Stored data
○ ○ ○

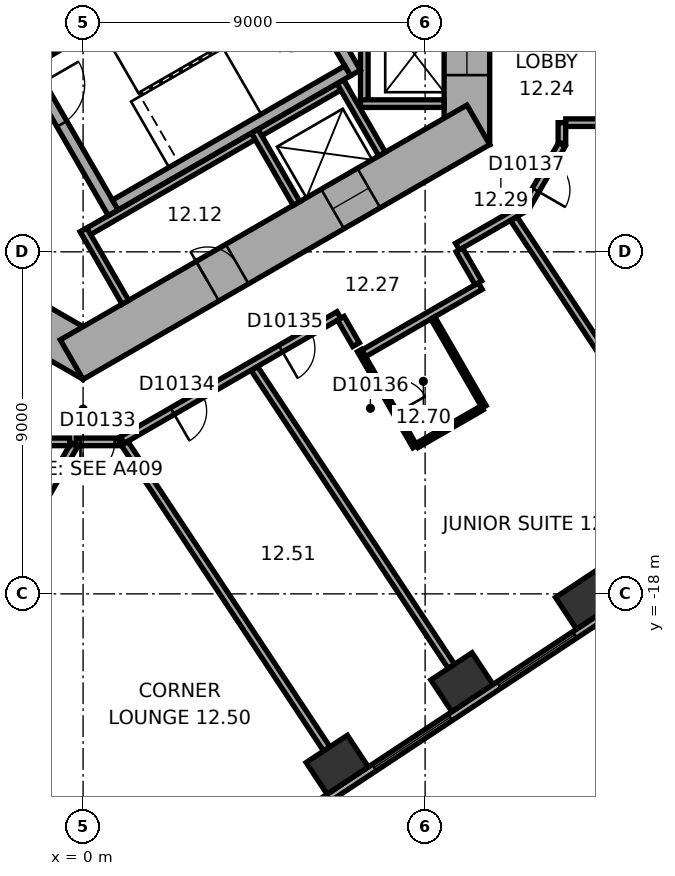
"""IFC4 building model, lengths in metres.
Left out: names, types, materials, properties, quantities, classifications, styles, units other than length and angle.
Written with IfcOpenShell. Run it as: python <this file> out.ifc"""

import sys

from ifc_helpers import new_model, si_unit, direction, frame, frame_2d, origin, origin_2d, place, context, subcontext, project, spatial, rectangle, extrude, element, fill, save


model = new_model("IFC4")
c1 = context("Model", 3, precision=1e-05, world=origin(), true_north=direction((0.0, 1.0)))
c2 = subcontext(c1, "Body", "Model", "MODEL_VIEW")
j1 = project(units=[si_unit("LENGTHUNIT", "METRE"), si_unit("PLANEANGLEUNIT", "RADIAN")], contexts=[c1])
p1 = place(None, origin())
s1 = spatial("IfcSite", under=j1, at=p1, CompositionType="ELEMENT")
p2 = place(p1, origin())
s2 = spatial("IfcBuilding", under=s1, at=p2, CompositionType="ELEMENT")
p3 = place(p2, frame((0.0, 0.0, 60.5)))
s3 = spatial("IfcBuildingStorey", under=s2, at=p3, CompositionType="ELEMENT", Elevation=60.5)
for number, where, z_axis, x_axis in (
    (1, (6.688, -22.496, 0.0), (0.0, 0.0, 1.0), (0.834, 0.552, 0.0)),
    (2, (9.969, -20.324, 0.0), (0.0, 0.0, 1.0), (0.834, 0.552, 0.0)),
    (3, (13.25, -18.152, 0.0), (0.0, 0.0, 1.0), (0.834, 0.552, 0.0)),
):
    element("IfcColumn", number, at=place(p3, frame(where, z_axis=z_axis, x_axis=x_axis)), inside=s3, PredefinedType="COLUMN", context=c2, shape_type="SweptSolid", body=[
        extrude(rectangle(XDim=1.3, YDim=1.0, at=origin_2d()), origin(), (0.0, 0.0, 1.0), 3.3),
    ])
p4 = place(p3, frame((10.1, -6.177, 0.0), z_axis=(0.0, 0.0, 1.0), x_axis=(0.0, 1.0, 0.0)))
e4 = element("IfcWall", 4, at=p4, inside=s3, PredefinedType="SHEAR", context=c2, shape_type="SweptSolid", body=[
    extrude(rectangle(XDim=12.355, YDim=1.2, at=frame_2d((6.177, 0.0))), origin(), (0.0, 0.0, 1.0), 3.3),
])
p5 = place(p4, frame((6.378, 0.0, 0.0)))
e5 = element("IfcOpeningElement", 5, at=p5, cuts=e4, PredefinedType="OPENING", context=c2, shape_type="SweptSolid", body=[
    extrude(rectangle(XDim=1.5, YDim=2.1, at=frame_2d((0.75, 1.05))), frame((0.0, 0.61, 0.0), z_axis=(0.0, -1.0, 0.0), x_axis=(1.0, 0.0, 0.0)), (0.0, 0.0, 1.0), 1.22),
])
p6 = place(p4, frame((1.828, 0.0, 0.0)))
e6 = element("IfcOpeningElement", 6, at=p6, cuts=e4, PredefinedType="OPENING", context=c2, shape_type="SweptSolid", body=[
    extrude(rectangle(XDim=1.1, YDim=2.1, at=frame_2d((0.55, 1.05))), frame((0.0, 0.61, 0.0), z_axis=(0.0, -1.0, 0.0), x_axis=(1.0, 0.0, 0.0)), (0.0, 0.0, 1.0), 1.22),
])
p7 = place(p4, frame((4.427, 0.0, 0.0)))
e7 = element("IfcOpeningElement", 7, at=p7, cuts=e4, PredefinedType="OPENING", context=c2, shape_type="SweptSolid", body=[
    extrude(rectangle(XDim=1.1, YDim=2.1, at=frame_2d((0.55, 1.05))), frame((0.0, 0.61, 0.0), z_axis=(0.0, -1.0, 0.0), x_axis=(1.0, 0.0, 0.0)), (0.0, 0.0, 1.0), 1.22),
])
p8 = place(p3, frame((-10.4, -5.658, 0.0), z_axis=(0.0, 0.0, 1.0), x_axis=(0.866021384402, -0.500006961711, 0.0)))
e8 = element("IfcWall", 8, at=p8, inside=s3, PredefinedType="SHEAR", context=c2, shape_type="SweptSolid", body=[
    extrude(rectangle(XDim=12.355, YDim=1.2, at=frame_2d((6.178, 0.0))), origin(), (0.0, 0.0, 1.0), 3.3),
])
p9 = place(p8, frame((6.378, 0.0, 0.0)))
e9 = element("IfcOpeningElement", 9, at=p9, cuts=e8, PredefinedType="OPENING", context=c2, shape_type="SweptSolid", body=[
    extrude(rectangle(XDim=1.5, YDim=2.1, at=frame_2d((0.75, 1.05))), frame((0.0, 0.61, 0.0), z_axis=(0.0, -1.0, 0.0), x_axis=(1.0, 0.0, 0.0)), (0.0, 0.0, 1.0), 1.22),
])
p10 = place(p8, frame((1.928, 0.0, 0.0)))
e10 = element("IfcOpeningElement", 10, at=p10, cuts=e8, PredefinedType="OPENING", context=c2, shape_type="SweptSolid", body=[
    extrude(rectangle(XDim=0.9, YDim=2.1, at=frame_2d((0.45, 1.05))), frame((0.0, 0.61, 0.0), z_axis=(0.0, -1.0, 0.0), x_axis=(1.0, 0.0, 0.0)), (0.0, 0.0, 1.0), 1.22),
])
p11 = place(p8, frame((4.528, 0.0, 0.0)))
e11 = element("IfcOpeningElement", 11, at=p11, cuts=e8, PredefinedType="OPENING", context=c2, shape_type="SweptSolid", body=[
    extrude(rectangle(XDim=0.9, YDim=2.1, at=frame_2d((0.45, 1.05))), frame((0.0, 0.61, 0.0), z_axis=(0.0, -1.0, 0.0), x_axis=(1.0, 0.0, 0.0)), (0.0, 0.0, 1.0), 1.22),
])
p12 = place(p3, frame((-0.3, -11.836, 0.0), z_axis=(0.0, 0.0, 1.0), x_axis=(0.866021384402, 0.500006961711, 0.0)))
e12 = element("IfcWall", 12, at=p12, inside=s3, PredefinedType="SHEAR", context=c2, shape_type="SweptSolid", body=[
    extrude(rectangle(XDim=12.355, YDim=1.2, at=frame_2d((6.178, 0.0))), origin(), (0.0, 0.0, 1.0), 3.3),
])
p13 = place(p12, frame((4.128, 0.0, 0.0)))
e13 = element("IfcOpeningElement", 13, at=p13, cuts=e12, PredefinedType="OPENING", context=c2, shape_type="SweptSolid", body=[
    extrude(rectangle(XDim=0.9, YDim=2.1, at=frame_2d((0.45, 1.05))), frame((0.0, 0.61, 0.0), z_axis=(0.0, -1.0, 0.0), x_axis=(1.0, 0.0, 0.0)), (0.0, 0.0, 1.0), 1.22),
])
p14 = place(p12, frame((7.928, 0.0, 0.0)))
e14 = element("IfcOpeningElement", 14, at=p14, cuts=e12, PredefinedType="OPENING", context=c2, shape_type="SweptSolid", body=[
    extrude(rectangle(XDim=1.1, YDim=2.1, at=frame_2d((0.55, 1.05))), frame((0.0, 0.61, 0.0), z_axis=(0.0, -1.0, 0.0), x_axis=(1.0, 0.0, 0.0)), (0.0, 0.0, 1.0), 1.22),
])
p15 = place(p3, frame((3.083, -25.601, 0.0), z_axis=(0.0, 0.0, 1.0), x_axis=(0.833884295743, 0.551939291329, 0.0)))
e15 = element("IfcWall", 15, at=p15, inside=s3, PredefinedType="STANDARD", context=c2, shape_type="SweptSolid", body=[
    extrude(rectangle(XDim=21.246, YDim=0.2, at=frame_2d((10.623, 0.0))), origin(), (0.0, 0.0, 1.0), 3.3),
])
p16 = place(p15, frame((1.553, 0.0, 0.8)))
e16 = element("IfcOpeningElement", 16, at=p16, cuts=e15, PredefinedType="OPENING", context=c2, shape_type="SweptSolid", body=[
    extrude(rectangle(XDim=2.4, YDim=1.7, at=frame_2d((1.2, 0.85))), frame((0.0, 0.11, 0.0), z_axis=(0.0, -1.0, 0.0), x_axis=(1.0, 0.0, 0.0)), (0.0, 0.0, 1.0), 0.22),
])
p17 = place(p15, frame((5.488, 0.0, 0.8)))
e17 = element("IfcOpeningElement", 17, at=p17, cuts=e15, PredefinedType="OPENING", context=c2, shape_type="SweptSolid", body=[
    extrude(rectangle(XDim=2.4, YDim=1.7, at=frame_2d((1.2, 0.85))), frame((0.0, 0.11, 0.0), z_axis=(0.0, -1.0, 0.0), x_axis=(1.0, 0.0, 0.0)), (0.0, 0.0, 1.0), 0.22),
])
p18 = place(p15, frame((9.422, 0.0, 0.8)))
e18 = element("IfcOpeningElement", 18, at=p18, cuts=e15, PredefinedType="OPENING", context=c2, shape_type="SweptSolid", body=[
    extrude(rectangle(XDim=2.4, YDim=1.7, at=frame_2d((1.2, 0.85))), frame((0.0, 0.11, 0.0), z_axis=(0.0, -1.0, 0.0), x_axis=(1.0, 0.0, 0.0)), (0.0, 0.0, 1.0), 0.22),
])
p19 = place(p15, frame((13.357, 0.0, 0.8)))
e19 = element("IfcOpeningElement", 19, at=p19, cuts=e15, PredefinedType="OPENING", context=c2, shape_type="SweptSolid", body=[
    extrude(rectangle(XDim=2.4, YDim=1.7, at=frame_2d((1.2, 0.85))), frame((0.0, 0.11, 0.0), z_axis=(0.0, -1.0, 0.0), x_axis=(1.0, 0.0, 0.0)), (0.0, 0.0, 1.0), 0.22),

○ ○ ○

A single figure is required: the number of lines above in which the word "IfcWall" occurs.

4